## Work to be completed
Please copy the entries below word for word, leaving out any image.

Dataset entries:

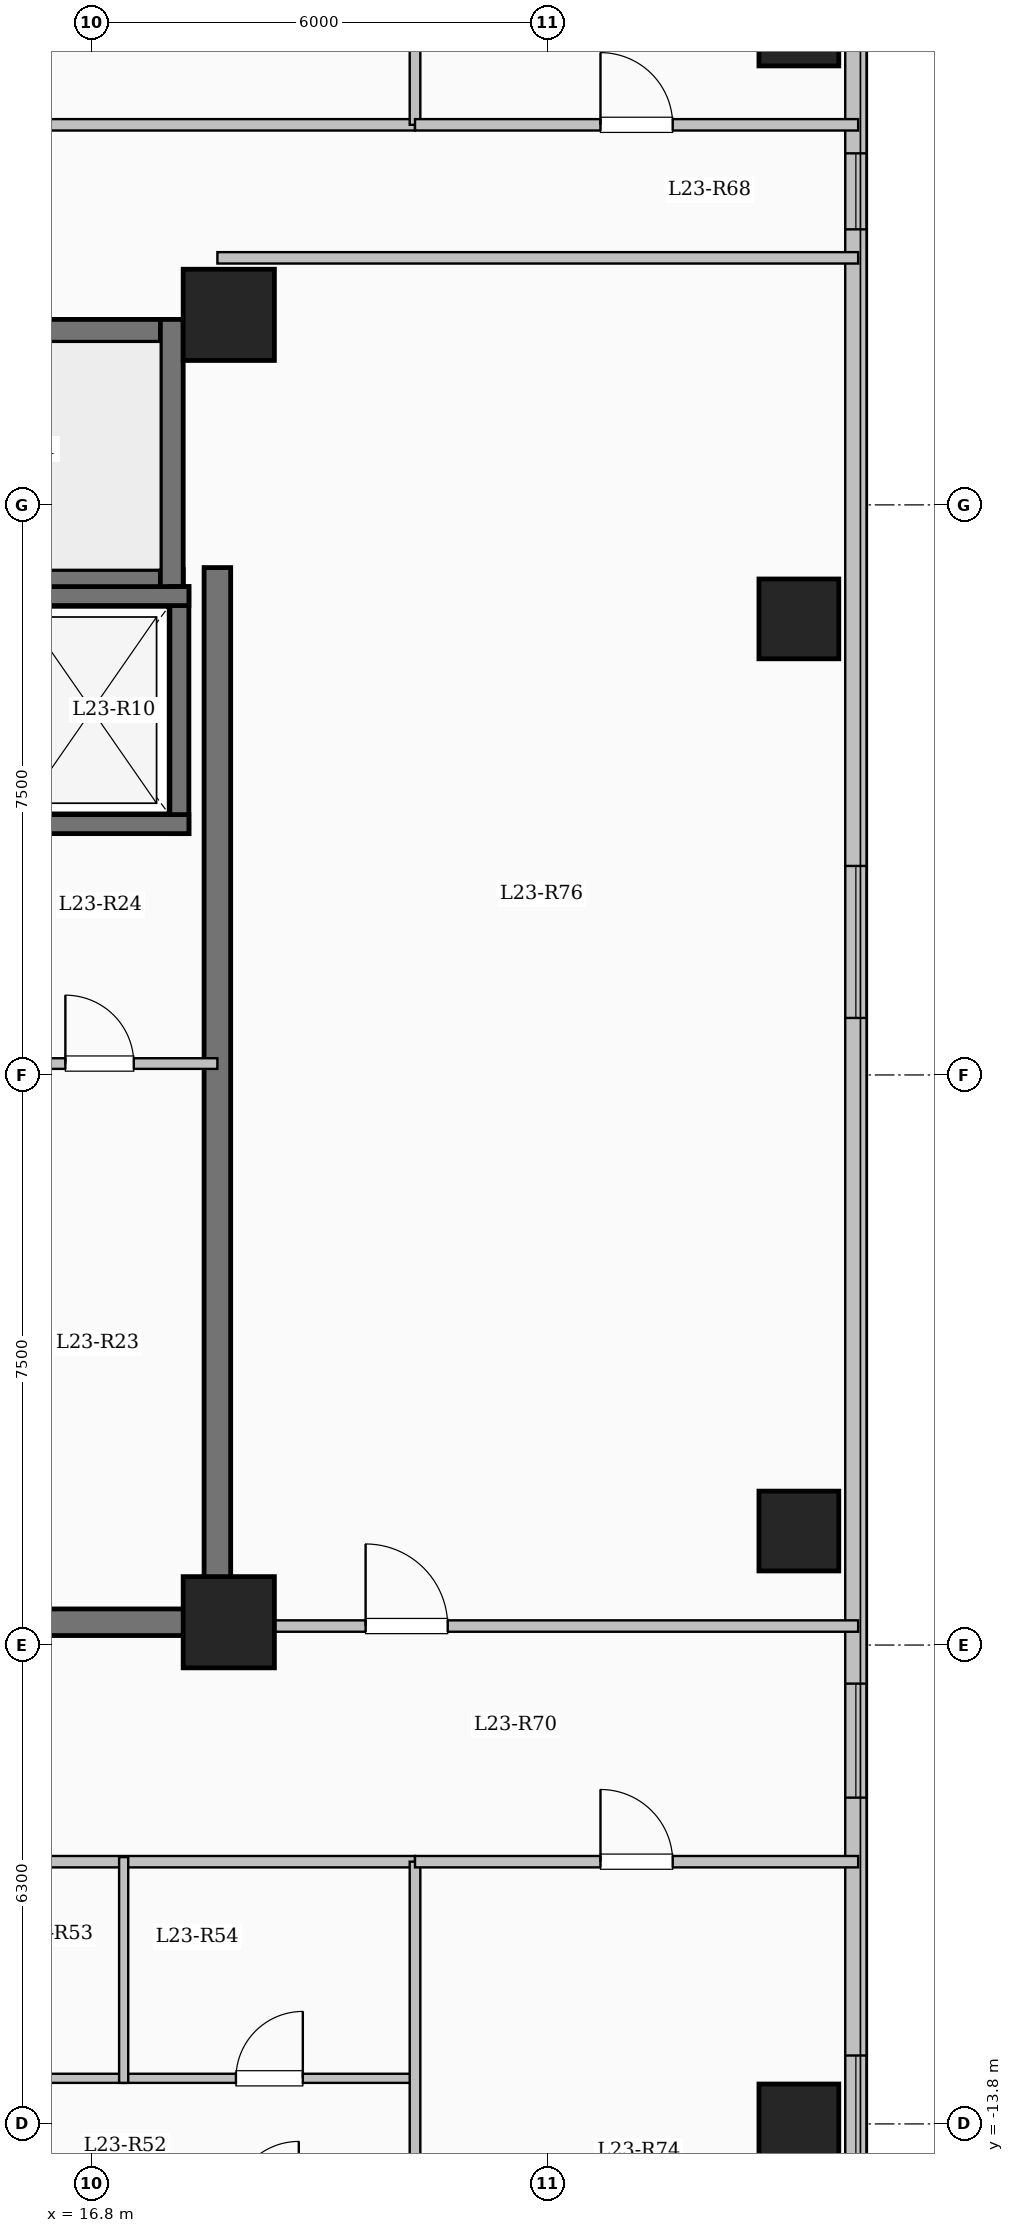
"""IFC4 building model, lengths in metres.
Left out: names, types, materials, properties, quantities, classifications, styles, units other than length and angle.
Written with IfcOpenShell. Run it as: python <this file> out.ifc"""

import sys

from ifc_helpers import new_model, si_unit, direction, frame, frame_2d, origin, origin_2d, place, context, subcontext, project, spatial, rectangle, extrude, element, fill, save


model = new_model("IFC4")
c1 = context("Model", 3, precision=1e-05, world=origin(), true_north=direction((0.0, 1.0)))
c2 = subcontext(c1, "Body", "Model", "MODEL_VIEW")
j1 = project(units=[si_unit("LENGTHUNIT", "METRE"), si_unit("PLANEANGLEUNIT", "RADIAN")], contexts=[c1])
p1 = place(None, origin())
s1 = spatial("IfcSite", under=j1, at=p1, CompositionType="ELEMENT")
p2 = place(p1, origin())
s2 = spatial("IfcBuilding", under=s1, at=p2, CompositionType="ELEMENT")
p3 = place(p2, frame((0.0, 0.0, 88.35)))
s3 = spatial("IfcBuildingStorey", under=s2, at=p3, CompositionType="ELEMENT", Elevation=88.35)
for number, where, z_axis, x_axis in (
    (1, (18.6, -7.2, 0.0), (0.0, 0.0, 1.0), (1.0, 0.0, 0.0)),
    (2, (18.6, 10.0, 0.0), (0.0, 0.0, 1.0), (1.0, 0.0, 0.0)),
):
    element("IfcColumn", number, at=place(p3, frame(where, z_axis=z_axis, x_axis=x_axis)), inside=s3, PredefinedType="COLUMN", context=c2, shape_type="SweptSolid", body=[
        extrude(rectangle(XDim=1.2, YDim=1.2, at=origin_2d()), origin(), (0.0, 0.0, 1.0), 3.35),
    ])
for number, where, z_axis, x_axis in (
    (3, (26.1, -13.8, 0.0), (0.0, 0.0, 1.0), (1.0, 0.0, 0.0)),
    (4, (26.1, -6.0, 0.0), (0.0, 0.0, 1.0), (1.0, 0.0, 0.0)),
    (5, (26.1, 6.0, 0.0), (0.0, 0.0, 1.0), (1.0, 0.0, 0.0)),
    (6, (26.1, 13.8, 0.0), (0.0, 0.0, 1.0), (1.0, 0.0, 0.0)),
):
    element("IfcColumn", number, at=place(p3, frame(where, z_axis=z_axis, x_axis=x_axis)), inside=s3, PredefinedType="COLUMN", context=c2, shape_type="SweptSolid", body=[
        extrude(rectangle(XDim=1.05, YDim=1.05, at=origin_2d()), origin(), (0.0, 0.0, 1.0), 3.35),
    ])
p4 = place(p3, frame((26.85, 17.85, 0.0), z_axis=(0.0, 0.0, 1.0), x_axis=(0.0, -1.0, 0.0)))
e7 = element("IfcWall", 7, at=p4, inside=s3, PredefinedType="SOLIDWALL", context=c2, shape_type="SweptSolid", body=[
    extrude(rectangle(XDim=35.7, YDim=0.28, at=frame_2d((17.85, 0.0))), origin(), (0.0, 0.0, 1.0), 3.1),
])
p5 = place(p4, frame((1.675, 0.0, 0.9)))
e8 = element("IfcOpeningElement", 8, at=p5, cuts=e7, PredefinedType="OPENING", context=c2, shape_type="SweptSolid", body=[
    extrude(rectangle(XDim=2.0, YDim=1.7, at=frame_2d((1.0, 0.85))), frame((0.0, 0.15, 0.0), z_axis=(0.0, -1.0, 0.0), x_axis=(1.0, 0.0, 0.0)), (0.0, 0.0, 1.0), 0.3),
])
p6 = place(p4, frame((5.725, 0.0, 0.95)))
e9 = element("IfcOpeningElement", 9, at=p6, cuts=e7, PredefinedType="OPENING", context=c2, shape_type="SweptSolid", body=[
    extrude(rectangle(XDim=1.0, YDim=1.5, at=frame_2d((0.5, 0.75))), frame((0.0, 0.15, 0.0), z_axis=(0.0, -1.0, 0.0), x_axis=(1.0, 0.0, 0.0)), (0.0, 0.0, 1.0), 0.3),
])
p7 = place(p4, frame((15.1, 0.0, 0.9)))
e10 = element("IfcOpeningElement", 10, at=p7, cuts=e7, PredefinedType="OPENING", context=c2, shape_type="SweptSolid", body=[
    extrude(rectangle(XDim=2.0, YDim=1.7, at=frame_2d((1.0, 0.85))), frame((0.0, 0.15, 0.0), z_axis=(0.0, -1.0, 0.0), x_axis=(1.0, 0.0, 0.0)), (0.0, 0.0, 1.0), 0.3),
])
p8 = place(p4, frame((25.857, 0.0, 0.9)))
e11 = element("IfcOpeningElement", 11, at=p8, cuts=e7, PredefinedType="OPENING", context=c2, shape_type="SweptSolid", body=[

## Answer area
"""IFC4 building model, lengths in metres.
Left out: names, types, materials, properties, quantities, classifications, styles, units other than length and angle.
Written with IfcOpenShell. Run it as: python <this file> out.ifc"""

import sys

from ifc_helpers import new_model, si_unit, direction, frame, frame_2d, origin, origin_2d, place, context, subcontext, project, spatial, rectangle, extrude, element, fill, save


model = new_model("IFC4")
c1 = context("Model", 3, precision=1e-05, world=origin(), true_north=direction((0.0, 1.0)))
c2 = subcontext(c1, "Body", "Model", "MODEL_VIEW")
j1 = project(units=[si_unit("LENGTHUNIT", "METRE"), si_unit("PLANEANGLEUNIT", "RADIAN")], contexts=[c1])
p1 = place(None, origin())
s1 = spatial("IfcSite", under=j1, at=p1, CompositionType="ELEMENT")
p2 = place(p1, origin())
s2 = spatial("IfcBuilding", under=s1, at=p2, CompositionType="ELEMENT")
p3 = place(p2, frame((0.0, 0.0, 88.35)))
s3 = spatial("IfcBuildingStorey", under=s2, at=p3, CompositionType="ELEMENT", Elevation=88.35)
for number, where, z_axis, x_axis in (
    (1, (18.6, -7.2, 0.0), (0.0, 0.0, 1.0), (1.0, 0.0, 0.0)),
    (2, (18.6, 10.0, 0.0), (0.0, 0.0, 1.0), (1.0, 0.0, 0.0)),
):
    element("IfcColumn", number, at=place(p3, frame(where, z_axis=z_axis, x_axis=x_axis)), inside=s3, PredefinedType="COLUMN", context=c2, shape_type="SweptSolid", body=[
        extrude(rectangle(XDim=1.2, YDim=1.2, at=origin_2d()), origin(), (0.0, 0.0, 1.0), 3.35),
    ])
for number, where, z_axis, x_axis in (
    (3, (26.1, -13.8, 0.0), (0.0, 0.0, 1.0), (1.0, 0.0, 0.0)),
    (4, (26.1, -6.0, 0.0), (0.0, 0.0, 1.0), (1.0, 0.0, 0.0)),
    (5, (26.1, 6.0, 0.0), (0.0, 0.0, 1.0), (1.0, 0.0, 0.0)),
    (6, (26.1, 13.8, 0.0), (0.0, 0.0, 1.0), (1.0, 0.0, 0.0)),
):
    element("IfcColumn", number, at=place(p3, frame(where, z_axis=z_axis, x_axis=x_axis)), inside=s3, PredefinedType="COLUMN", context=c2, shape_type="SweptSolid", body=[
        extrude(rectangle(XDim=1.05, YDim=1.05, at=origin_2d()), origin(), (0.0, 0.0, 1.0), 3.35),
    ])
p4 = place(p3, frame((26.85, 17.85, 0.0), z_axis=(0.0, 0.0, 1.0), x_axis=(0.0, -1.0, 0.0)))
e7 = element("IfcWall", 7, at=p4, inside=s3, PredefinedType="SOLIDWALL", context=c2, shape_type="SweptSolid", body=[
    extrude(rectangle(XDim=35.7, YDim=0.28, at=frame_2d((17.85, 0.0))), origin(), (0.0, 0.0, 1.0), 3.1),
])
p5 = place(p4, frame((1.675, 0.0, 0.9)))
e8 = element("IfcOpeningElement", 8, at=p5, cuts=e7, PredefinedType="OPENING", context=c2, shape_type="SweptSolid", body=[
    extrude(rectangle(XDim=2.0, YDim=1.7, at=frame_2d((1.0, 0.85))), frame((0.0, 0.15, 0.0), z_axis=(0.0, -1.0, 0.0), x_axis=(1.0, 0.0, 0.0)), (0.0, 0.0, 1.0), 0.3),
])
p6 = place(p4, frame((5.725, 0.0, 0.95)))
e9 = element("IfcOpeningElement", 9, at=p6, cuts=e7, PredefinedType="OPENING", context=c2, shape_type="SweptSolid", body=[
    extrude(rectangle(XDim=1.0, YDim=1.5, at=frame_2d((0.5, 0.75))), frame((0.0, 0.15, 0.0), z_axis=(0.0, -1.0, 0.0), x_axis=(1.0, 0.0, 0.0)), (0.0, 0.0, 1.0), 0.3),
])
p7 = place(p4, frame((15.1, 0.0, 0.9)))
e10 = element("IfcOpeningElement", 10, at=p7, cuts=e7, PredefinedType="OPENING", context=c2, shape_type="SweptSolid", body=[
    extrude(rectangle(XDim=2.0, YDim=1.7, at=frame_2d((1.0, 0.85))), frame((0.0, 0.15, 0.0), z_axis=(0.0, -1.0, 0.0), x_axis=(1.0, 0.0, 0.0)), (0.0, 0.0, 1.0), 0.3),
])
p8 = place(p4, frame((25.857, 0.0, 0.9)))
e11 = element("IfcOpeningElement", 11, at=p8, cuts=e7, PredefinedType="OPENING", context=c2, shape_type="SweptSolid", body=[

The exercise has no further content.